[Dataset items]
══════════════════════════════
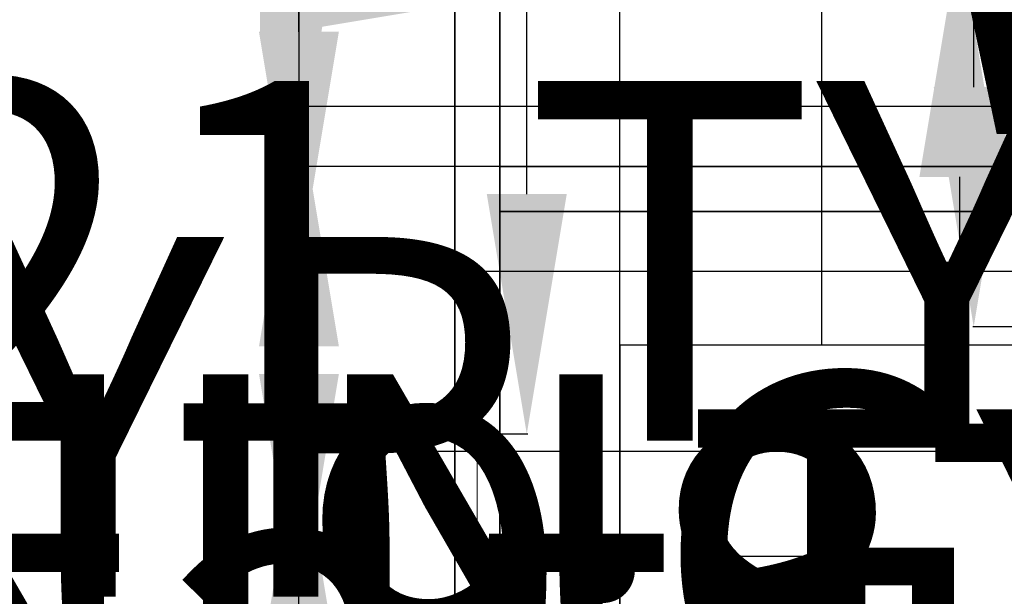
# Model space of a CAD drawing. Units: inches. Extents: x -307 to 2141, y -58 to 895.
# Tile 10 of 28: x 469 to 666, y 452 to 568. Entities that reach past the tile are written whole.
import ezdxf

# ---------------------------------------------------------------- set-up
doc = ezdxf.new("R2010")
doc.units = ezdxf.units.IN
doc.header["$MEASUREMENT"] = 0
for name, color, linetype, lineweight in [('A-ANNO-DIMS', 2, 'Continuous', 18), ('A-DOOR', 3, 'Continuous', 25), ('A-FLOR-CASE', 32, 'Continuous', 25), ('A-GLAZ', 4, 'Continuous', 18), ('A-WALL', 7, 'Continuous', 35)]:
    doc.layers.add(name, color=color, linetype=linetype, lineweight=lineweight)
doc.styles.get("Standard").update_dxf_attribs({"font": 'arial.ttf'})
doc.dimstyles.get("Standard").update_dxf_attribs({"dimtxt": 72, "dimasz": 48, "dimexe": 0.18, "dimexo": 0.0625, "dimgap": 0.09, "dimtad": 0, "dimtih": 1, "dimtoh": 1, "dimdec": 0, "dimrnd": 48, "dimzin": 0, "dimdsep": 46, "dimlunit": 3, "dimtxsty": 'Standard', "dimcen": 0.09, "dimadec": 0, "dimazin": 0, "dimtfac": 1, "dimtdec": 0, "dimtofl": 0, "dimtmove": 0, "dimatfit": 3, "dimfxl": 1, "dimtolj": 1, "dimtzin": 0, "dimarcsym": 0})

# ---------------------------------------------------------------- blocks, each defined once
blk = doc.blocks.new('*U3')
for p, q in [((-40, 0), (-40, 6)), ((0, 0), (0, 6))]:
    blk.add_line(p, q)
blk.add_lwpolyline([(0, 0), (-34.64, -20), (-35.52, -18.48), (-0.88, 1.52)], close=True)
blk.add_arc((0, 0), 40, 180, 210)
blk = doc.blocks.new('WIN-36IN')
for p, q in [((0, 36), (9, 36)), ((4.5, 0), (4.5, 36))]:
    blk.add_line(p, q)
blk.add_lwpolyline([(9, 36), (9, 0), (0, 0), (0, 36)])
blk = doc.blocks.new('*D26')
at = {"layer": 'A-ANNO-DIMS', "color": 0, "lineweight": -2, "transparency": 16777216}
for p, q in [((565.34, 584.2), (565.34, 572.08)), ((645.34, 584.2), (645.34, 572.08)), ((517.34, 572.26), (469.34, 572.26)), ((693.34, 572.26), (741.34, 572.26))]:
    blk.add_line(p, q, dxfattribs=at)
at = {"layer": 'A-ANNO-DIMS', "color": 0, "transparency": 16777216}
for points in [[(517.34, 580.26), (517.34, 564.26), (565.34, 572.26)], [(693.34, 580.26), (693.34, 564.26), (645.34, 572.26)]]:
    blk.add_solid(points, dxfattribs=at)
at = {"layer": 'Defpoints', "color": 0, "transparency": 16777216}
for p in [(565.34, 584.26), (645.34, 584.26), (565.34, 572.26)]:
    blk.add_point(p, dxfattribs=at)
at = {"layer": 'A-ANNO-DIMS', "color": 0, "transparency": 16777216, "insert": (178.23, 572.26), "char_height": 72, "attachment_point": 5}
blk.add_mtext('\\A1;BED 80 TYP.', dxfattribs=at)
blk = doc.blocks.new('*D27')
at = {"layer": 'A-ANNO-DIMS', "color": 0, "lineweight": -2, "transparency": 16777216}
for p, q in [((657.34, 692.26), (657.34, 740.26)), ((645.4, 644.26), (657.52, 644.26)), ((645.4, 584.26), (657.52, 584.26)), ((657.34, 536.26), (657.34, 488.26)), ((657.34, 488.26), (609.34, 488.26))]:
    blk.add_line(p, q, dxfattribs=at)
at = {"layer": 'A-ANNO-DIMS', "color": 0, "transparency": 16777216}
for points in [[(649.34, 692.26), (665.34, 692.26), (657.34, 644.26)], [(649.34, 536.26), (665.34, 536.26), (657.34, 584.26)]]:
    blk.add_solid(points, dxfattribs=at)
at = {"layer": 'Defpoints', "color": 0, "transparency": 16777216}
for p in [(645.34, 644.26), (645.34, 584.26), (657.34, 584.26)]:
    blk.add_point(p, dxfattribs=at)
at = {"layer": 'A-ANNO-DIMS', "color": 0, "transparency": 16777216, "insert": (433.81, 488.26), "char_height": 72, "attachment_point": 5}
blk.add_mtext('\\A1;60 TYP.', dxfattribs=at)
blk = doc.blocks.new('*D29')
at = {"layer": 'A-ANNO-DIMS', "color": 0, "lineweight": -2, "transparency": 16777216}
for p, q in [((747.42, 450.87), (699.42, 450.87)), ((795.42, 433.61), (795.42, 451.05)), ((882.03, 433.61), (882.03, 451.05)), ((930.03, 450.87), (978.03, 450.87))]:
    blk.add_line(p, q, dxfattribs=at)
at = {"layer": 'A-ANNO-DIMS', "color": 0, "transparency": 16777216}
for points in [[(747.42, 458.87), (747.42, 442.87), (795.42, 450.87)], [(930.03, 458.87), (930.03, 442.87), (882.03, 450.87)]]:
    blk.add_solid(points, dxfattribs=at)
at = {"layer": 'Defpoints', "color": 0, "transparency": 16777216}
for p in [(795.42, 450.87), (795.42, 433.55), (882.03, 433.55)]:
    blk.add_point(p, dxfattribs=at)
at = {"layer": 'A-ANNO-DIMS', "color": 0, "transparency": 16777216, "insert": (647.71, 450.87), "char_height": 72, "attachment_point": 5}
blk.add_mtext('\\A1;87', dxfattribs=at)
blk = doc.blocks.new('*D30')
at = {"layer": 'A-ANNO-DIMS', "color": 0, "lineweight": -2, "transparency": 16777216}
for p, q in [((570.74, 532.83), (570.74, 580.83)), ((570.74, 580.83), (618.74, 580.83)), ((565.4, 484.83), (570.92, 484.83)), ((565.4, 448.83), (570.92, 448.83)), ((570.74, 400.83), (570.74, 352.83))]:
    blk.add_line(p, q, dxfattribs=at)
at = {"layer": 'A-ANNO-DIMS', "color": 0, "transparency": 16777216}
for points in [[(562.74, 532.83), (578.74, 532.83), (570.74, 484.83)], [(562.74, 400.83), (578.74, 400.83), (570.74, 448.83)]]:
    blk.add_solid(points, dxfattribs=at)
at = {"layer": 'Defpoints', "color": 0, "transparency": 16777216}
for p in [(565.34, 484.83), (570.74, 484.83), (565.34, 448.83)]:
    blk.add_point(p, dxfattribs=at)
at = {"layer": 'A-ANNO-DIMS', "color": 0, "transparency": 16777216, "insert": (1030.17, 580.83), "char_height": 72, "attachment_point": 5}
blk.add_mtext('\\A1;WINDOW 36 TYP.', dxfattribs=at)
blk = doc.blocks.new('*D31')
at = {"layer": 'A-ANNO-DIMS', "color": 0, "lineweight": -2, "transparency": 16777216}
for p, q in [((556.34, 448.77), (556.34, 443.25)), ((565.34, 448.77), (565.34, 443.25)), ((508.34, 443.43), (460.34, 443.43)), ((613.34, 443.43), (661.34, 443.43))]:
    blk.add_line(p, q, dxfattribs=at)
at = {"layer": 'A-ANNO-DIMS', "color": 0, "transparency": 16777216}
for points in [[(508.34, 451.43), (508.34, 435.43), (556.34, 443.43)], [(613.34, 451.43), (613.34, 435.43), (565.34, 443.43)]]:
    blk.add_solid(points, dxfattribs=at)
at = {"layer": 'Defpoints', "color": 0, "transparency": 16777216}
for p in [(556.34, 448.83), (565.34, 448.83), (565.34, 443.43)]:
    blk.add_point(p, dxfattribs=at)
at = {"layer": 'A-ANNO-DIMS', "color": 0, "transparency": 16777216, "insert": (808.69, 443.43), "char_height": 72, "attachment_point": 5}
══════════════════════════════
Find every line in the records that has the word "blocks". Copy those lines.

# ---------------------------------------------------------------- blocks, each defined once
blk = doc.blocks.new('*U3')
blk = doc.blocks.new('WIN-36IN')
blk = doc.blocks.new('*D26')
blk = doc.blocks.new('*D27')
blk = doc.blocks.new('*D29')
blk = doc.blocks.new('*D30')
blk = doc.blocks.new('*D31')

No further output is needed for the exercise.